= Directions for this task =
Wherever the word "origin" occurs in the lines below, copy the whole line.

[Stored entries]

BEGIN

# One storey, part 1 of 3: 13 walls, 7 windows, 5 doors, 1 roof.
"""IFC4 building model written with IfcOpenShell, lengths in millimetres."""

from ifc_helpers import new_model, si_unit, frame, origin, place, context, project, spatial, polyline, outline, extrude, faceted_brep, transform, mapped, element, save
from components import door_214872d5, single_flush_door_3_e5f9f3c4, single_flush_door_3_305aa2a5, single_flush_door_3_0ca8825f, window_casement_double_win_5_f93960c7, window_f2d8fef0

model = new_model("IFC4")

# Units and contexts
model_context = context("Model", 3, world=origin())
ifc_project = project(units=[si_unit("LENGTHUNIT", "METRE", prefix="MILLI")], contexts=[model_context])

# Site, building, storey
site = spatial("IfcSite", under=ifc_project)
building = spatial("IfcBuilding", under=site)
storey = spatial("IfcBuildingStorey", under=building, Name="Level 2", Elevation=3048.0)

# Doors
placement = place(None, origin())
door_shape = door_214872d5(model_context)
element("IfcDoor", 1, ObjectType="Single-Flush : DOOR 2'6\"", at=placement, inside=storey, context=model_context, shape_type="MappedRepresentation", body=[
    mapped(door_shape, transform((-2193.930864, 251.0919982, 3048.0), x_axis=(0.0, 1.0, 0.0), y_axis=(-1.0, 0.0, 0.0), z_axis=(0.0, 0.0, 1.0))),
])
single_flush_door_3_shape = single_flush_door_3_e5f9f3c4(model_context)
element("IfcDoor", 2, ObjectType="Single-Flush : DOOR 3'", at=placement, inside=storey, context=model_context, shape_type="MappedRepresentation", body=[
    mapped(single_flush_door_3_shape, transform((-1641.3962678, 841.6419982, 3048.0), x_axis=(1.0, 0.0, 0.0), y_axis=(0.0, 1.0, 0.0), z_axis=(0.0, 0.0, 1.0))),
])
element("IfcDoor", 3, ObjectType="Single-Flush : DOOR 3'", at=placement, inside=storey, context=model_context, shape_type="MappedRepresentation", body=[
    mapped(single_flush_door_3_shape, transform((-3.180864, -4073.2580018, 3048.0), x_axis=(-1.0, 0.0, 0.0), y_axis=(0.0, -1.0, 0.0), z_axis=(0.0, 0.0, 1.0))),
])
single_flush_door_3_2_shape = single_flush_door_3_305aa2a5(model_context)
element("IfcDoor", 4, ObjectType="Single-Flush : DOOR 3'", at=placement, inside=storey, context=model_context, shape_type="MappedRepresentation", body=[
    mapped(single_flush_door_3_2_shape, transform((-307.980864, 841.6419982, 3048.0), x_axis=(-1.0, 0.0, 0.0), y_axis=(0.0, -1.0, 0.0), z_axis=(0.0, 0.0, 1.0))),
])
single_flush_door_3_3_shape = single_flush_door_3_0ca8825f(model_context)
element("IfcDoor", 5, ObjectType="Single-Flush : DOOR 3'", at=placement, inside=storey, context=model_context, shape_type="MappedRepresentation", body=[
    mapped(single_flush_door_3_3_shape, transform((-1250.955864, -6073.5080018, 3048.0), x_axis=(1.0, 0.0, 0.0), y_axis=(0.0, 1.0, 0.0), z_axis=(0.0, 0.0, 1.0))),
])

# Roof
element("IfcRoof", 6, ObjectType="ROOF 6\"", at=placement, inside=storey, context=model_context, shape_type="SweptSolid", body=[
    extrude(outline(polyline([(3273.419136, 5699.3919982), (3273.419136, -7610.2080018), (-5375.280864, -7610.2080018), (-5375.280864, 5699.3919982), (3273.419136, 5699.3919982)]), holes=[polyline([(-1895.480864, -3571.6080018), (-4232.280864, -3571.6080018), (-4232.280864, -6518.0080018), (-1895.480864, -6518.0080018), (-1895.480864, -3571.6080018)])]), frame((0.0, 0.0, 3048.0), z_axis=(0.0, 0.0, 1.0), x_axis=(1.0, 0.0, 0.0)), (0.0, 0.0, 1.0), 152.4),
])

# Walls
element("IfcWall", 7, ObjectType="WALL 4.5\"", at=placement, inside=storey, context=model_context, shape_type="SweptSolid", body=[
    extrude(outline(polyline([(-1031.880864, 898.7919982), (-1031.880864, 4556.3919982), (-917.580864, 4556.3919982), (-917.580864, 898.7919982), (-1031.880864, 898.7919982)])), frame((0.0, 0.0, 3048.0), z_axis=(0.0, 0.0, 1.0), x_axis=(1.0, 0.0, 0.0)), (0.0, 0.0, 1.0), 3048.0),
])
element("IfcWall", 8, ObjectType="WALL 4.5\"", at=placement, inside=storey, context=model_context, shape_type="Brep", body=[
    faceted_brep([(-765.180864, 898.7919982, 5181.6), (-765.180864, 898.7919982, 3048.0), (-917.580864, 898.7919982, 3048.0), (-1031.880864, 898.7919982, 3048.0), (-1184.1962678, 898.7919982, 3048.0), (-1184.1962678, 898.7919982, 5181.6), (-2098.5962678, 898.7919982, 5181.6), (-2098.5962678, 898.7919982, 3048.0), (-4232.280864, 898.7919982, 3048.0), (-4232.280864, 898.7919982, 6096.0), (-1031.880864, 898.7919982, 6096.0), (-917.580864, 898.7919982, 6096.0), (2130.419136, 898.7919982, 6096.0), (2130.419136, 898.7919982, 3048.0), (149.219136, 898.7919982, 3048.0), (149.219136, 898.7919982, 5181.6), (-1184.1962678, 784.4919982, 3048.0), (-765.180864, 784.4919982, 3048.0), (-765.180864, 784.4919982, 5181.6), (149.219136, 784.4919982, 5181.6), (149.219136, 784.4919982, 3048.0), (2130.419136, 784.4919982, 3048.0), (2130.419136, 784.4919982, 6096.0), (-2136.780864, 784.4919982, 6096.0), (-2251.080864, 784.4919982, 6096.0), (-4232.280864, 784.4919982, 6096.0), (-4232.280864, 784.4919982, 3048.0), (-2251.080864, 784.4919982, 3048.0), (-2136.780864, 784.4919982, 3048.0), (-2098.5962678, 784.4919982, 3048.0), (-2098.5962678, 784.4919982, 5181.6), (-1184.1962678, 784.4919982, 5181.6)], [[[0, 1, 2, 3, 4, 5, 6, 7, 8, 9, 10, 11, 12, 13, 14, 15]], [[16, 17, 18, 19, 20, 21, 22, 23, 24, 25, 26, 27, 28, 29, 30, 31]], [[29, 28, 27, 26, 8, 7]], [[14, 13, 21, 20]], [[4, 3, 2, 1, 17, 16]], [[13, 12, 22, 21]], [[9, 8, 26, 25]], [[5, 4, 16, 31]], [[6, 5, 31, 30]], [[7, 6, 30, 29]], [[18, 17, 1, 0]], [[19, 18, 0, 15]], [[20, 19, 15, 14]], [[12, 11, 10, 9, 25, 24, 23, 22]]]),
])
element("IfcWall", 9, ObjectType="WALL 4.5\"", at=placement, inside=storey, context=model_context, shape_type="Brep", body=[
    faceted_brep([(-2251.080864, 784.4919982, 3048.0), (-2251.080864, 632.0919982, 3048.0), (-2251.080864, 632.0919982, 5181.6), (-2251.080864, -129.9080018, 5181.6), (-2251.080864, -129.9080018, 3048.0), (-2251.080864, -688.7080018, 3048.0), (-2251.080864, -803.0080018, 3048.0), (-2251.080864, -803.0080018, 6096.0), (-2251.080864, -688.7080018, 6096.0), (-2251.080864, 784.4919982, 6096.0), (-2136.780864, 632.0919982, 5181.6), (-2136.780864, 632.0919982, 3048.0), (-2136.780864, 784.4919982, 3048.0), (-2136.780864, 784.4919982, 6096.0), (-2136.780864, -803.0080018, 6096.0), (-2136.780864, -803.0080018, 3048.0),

END

= Task solution =
from ifc_helpers import new_model, si_unit, frame, origin, place, context, project, spatial, polyline, outline, extrude, faceted_brep, transform, mapped, element, save
model_context = context("Model", 3, world=origin())
placement = place(None, origin())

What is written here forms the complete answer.